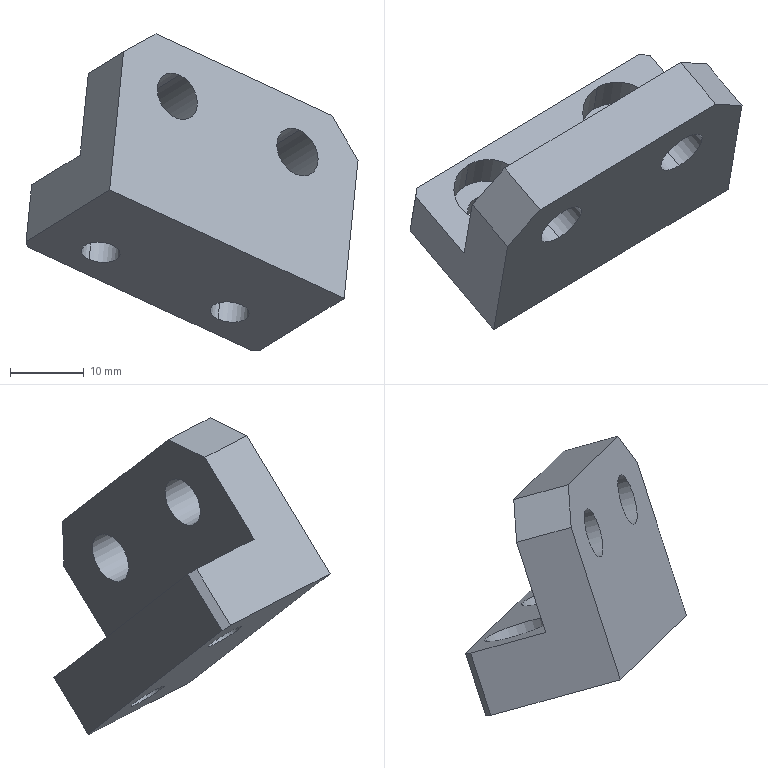Component | SolidWorks | 14AC-24-1-009-2 | 1 solid | 26 faces | box 45.12 x 37.53 x 42.96 mm | volume 11112 mm3 | plane 14 | cylinder 12 | commonest cylinder face diameters 10 x4 5.3 x4 6.8 x2 7 x2
build123d program:
from build123d import *

# Parameters (mm, degrees)
SKETCH1_W                                            = 27
SKETCH1_H                                            = 40
BOSS_EXTRUDE1_DEPTH                                  = 8
M8X1_0_TAPPED_HOLE1_D                                = 7
M8X1_0_TAPPED_HOLE1_DEPTH                            = 19
M8X1_0_TAPPED_HOLE1_TIP                              = 2.103
M8_TAPPED_HOLE1_D                                    = 6.8
M8_TAPPED_HOLE1_DEPTH                                = 19.75
M8_TAPPED_HOLE1_TIP                                  = 2.043
SKETCH6_W                                            = 9
SKETCH6_H                                            = 40
BOSS_EXTRUDE2_DEPTH                                  = 12
HOLE_SIZE_ACCORDING_TO_THE_TYPE_1_OF_HEX_D           = 5.3
HOLE_SIZE_ACCORDING_TO_THE_TYPE_1_OF_HEX_CBORE_D     = 10
HOLE_SIZE_ACCORDING_TO_THE_TYPE_1_OF_HEX_CBORE_DEPTH = 5.7
CHAMFER1_SIZE                                        = 5
CHAMFER2_SIZE                                        = 1


with BuildPart() as part:
    # Sketch1 → Boss-Extrude1 (new body)
    with BuildSketch(Plane.XY):
        Rectangle(SKETCH1_W, SKETCH1_H)
    extrude(amount=BOSS_EXTRUDE1_DEPTH)

    # M8x1.0 Tapped Hole1
    with Locations(Plane(origin=(5.5, 10, 8), x_dir=(1, 0, 0), z_dir=(0, 0, 1))):
        with Locations((0, 0)):
            Hole(M8X1_0_TAPPED_HOLE1_D / 2, depth=M8X1_0_TAPPED_HOLE1_DEPTH)
            with Locations((0, 0, -(M8X1_0_TAPPED_HOLE1_DEPTH + M8X1_0_TAPPED_HOLE1_TIP / 2))):  # 118° drill point
                Cone(0, M8X1_0_TAPPED_HOLE1_D / 2, M8X1_0_TAPPED_HOLE1_TIP, mode=Mode.SUBTRACT)

    # M8 Tapped Hole1
    with Locations(Plane(origin=(5.5, -10.5, 8), x_dir=(1, 0, 0), z_dir=(0, 0, 1))):
        with Locations((0, 0)):
            Hole(M8_TAPPED_HOLE1_D / 2, depth=M8_TAPPED_HOLE1_DEPTH)
            with Locations((0, 0, -(M8_TAPPED_HOLE1_DEPTH + M8_TAPPED_HOLE1_TIP / 2))):  # 118° drill point
                Cone(0, M8_TAPPED_HOLE1_D / 2, M8_TAPPED_HOLE1_TIP, mode=Mode.SUBTRACT)

    # Sketch6 → Boss-Extrude2 (add)
    with BuildSketch(Plane.XY.offset(8)):
        with Locations((-9, 0)):
            Rectangle(SKETCH6_W, SKETCH6_H)
    extrude(amount=BOSS_EXTRUDE2_DEPTH)

    # Hole Size according to the type 1 of hex (through all)
    with Locations(Plane(origin=(-4.5, 11, 14), x_dir=(0, 1, 0), z_dir=(1, 0, 0))):
        with Locations((0, 0), (-22, 0)):
            CounterBoreHole(HOLE_SIZE_ACCORDING_TO_THE_TYPE_1_OF_HEX_D / 2, HOLE_SIZE_ACCORDING_TO_THE_TYPE_1_OF_HEX_CBORE_D / 2, HOLE_SIZE_ACCORDING_TO_THE_TYPE_1_OF_HEX_CBORE_DEPTH)

    # Chamfer1
    chamfer1_edges = [part.edges().sort_by_distance(p)[0] for p in [
        (13.5, -20, 4),
        (13.5, 20, 4),
    ]]
    chamfer(chamfer1_edges, length=CHAMFER1_SIZE)

    # Chamfer2
    chamfer2_edges = [part.edges().sort_by_distance(p)[0] for p in [
        (-9, 20, 20),
        (-9, -20, 20),
    ]]
    chamfer(chamfer2_edges, length=CHAMFER2_SIZE)


solid = part.part

# Placed as in the assembly
solid = solid.moved(Location((533.188, -316.638, -28.905), (-117.442, -36.759, -83.855)))
STEP:
#1=COLOUR_RGB('',0.7922,0.8196,0.9333);
#2=FILL_AREA_STYLE_COLOUR('',#1);
#3=FILL_AREA_STYLE('',(#2));
#4=SURFACE_STYLE_FILL_AREA(#3);
#5=SURFACE_SIDE_STYLE('',(#4));
#6=SURFACE_STYLE_USAGE(.BOTH.,#5);
#7=PRESENTATION_STYLE_ASSIGNMENT((#6));
#8=CARTESIAN_POINT('',(20.855,-11.934,-1.917));
#9=VERTEX_POINT('',#8);
#10=CARTESIAN_POINT('',(21.09,-12.214,-1.771));
#11=VERTEX_POINT('',#10);
#12=CARTESIAN_POINT('',(20.972,-12.074,-1.844));
#13=DIRECTION('',(0.08576,0.5151,0.8529));
#14=DIRECTION('',(0.5985,-0.711,0.3692));
#15=AXIS2_PLACEMENT_3D('',#12,#13,#14);
#16=CIRCLE('',#15,0.1969);
#17=EDGE_CURVE('',#9,#11,#16,.T.);
#18=ORIENTED_EDGE('',*,*,#17,.F.);
#19=CARTESIAN_POINT('',(20.874,-11.818,-1.725));
#20=VERTEX_POINT('',#19);
#21=CARTESIAN_POINT('',(20.874,-11.818,-1.725));
#22=DIRECTION('',(0.08576,0.5151,0.8529));
#23=VECTOR('',#22,39.37);
#24=LINE('',#21,#23);
#25=EDGE_CURVE('',#9,#20,#24,.T.);
#26=ORIENTED_EDGE('',*,*,#25,.T.);
#27=CARTESIAN_POINT('',(21.109,-12.098,-1.58));
#28=VERTEX_POINT('',#27);
#29=CARTESIAN_POINT('',(20.992,-11.958,-1.652));
#30=DIRECTION('',(0.08576,0.5151,0.8529));
#31=DIRECTION('',(0.5985,-0.711,0.3692));
#32=AXIS2_PLACEMENT_3D('',#29,#30,#31);
#33=CIRCLE('',#32,0.1969);
#34=EDGE_CURVE('',#20,#28,#33,.T.);
#35=ORIENTED_EDGE('',*,*,#34,.T.);
#36=CARTESIAN_POINT('',(21.109,-12.098,-1.58));
#37=DIRECTION('',(0.08576,0.5151,0.8529));
#38=VECTOR('',#37,39.37);
#39=LINE('',#36,#38);
#40=EDGE_CURVE('',#11,#28,#39,.T.);
#41=ORIENTED_EDGE('',*,*,#40,.F.);
#42=EDGE_LOOP('',(#18,#26,#35,#41));
#43=FACE_OUTER_BOUND('',#42,.T.);
#44=CARTESIAN_POINT('',(20.992,-11.958,-1.652));
#45=DIRECTION('',(0.08576,0.5151,0.8529));
#46=DIRECTION('',(0.5985,-0.711,0.3692));
#47=AXIS2_PLACEMENT_3D('',#44,#45,#46);
#48=CYLINDRICAL_SURFACE('',#47,0.1969);
#49=ADVANCED_FACE('',(#43),#48,.F.);
#50=CARTESIAN_POINT('',(20.899,-12.066,-1.993));
#51=VERTEX_POINT('',#50);
#52=CARTESIAN_POINT('',(21.024,-12.215,-1.916));
#53=VERTEX_POINT('',#52);
#54=CARTESIAN_POINT('',(20.961,-12.141,-1.955));
#55=DIRECTION('',(0.08576,0.5151,0.8529));
#56=DIRECTION('',(0.5985,-0.711,0.3692));
#57=AXIS2_PLACEMENT_3D('',#54,#55,#56);
#58=CIRCLE('',#57,0.1043);
#59=EDGE_CURVE('',#51,#53,#58,.T.);
#60=ORIENTED_EDGE('',*,*,#59,.F.);
#61=CARTESIAN_POINT('',(20.91,-11.999,-1.882));
#62=VERTEX_POINT('',#61);
#63=CARTESIAN_POINT('',(20.929,-11.884,-1.691));
#64=DIRECTION('',(0.08576,0.5151,0.8529));
#65=VECTOR('',#64,39.37);
#66=LINE('',#63,#65);
#67=EDGE_CURVE('',#51,#62,#66,.T.);
#68=ORIENTED_EDGE('',*,*,#67,.T.);
#69=CARTESIAN_POINT('',(21.035,-12.148,-1.805));
#70=VERTEX_POINT('',#69);
#71=CARTESIAN_POINT('',(20.972,-12.074,-1.844));
#72=DIRECTION('',(0.08576,0.5151,0.8529));
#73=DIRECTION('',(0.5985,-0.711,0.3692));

________

_Task prompt:_ Stop at the line containing "HOLE_SIZE_ACCORDING_TO_THE_TYPE_1_OF_HEX_CBORE_DEPTH = 5.7" and include it. Everything from the first line of the material up to there is to be repeated exactly, leaving out pictures.

_Reply:_
Component | SolidWorks | 14AC-24-1-009-2 | 1 solid | 26 faces | box 45.12 x 37.53 x 42.96 mm | volume 11112 mm3 | plane 14 | cylinder 12 | commonest cylinder face diameters 10 x4 5.3 x4 6.8 x2 7 x2
build123d program:
from build123d import *

# Parameters (mm, degrees)
SKETCH1_W                                            = 27
SKETCH1_H                                            = 40
BOSS_EXTRUDE1_DEPTH                                  = 8
M8X1_0_TAPPED_HOLE1_D                                = 7
M8X1_0_TAPPED_HOLE1_DEPTH                            = 19
M8X1_0_TAPPED_HOLE1_TIP                              = 2.103
M8_TAPPED_HOLE1_D                                    = 6.8
M8_TAPPED_HOLE1_DEPTH                                = 19.75
M8_TAPPED_HOLE1_TIP                                  = 2.043
SKETCH6_W                                            = 9
SKETCH6_H                                            = 40
BOSS_EXTRUDE2_DEPTH                                  = 12
HOLE_SIZE_ACCORDING_TO_THE_TYPE_1_OF_HEX_D           = 5.3
HOLE_SIZE_ACCORDING_TO_THE_TYPE_1_OF_HEX_CBORE_D     = 10
HOLE_SIZE_ACCORDING_TO_THE_TYPE_1_OF_HEX_CBORE_DEPTH = 5.7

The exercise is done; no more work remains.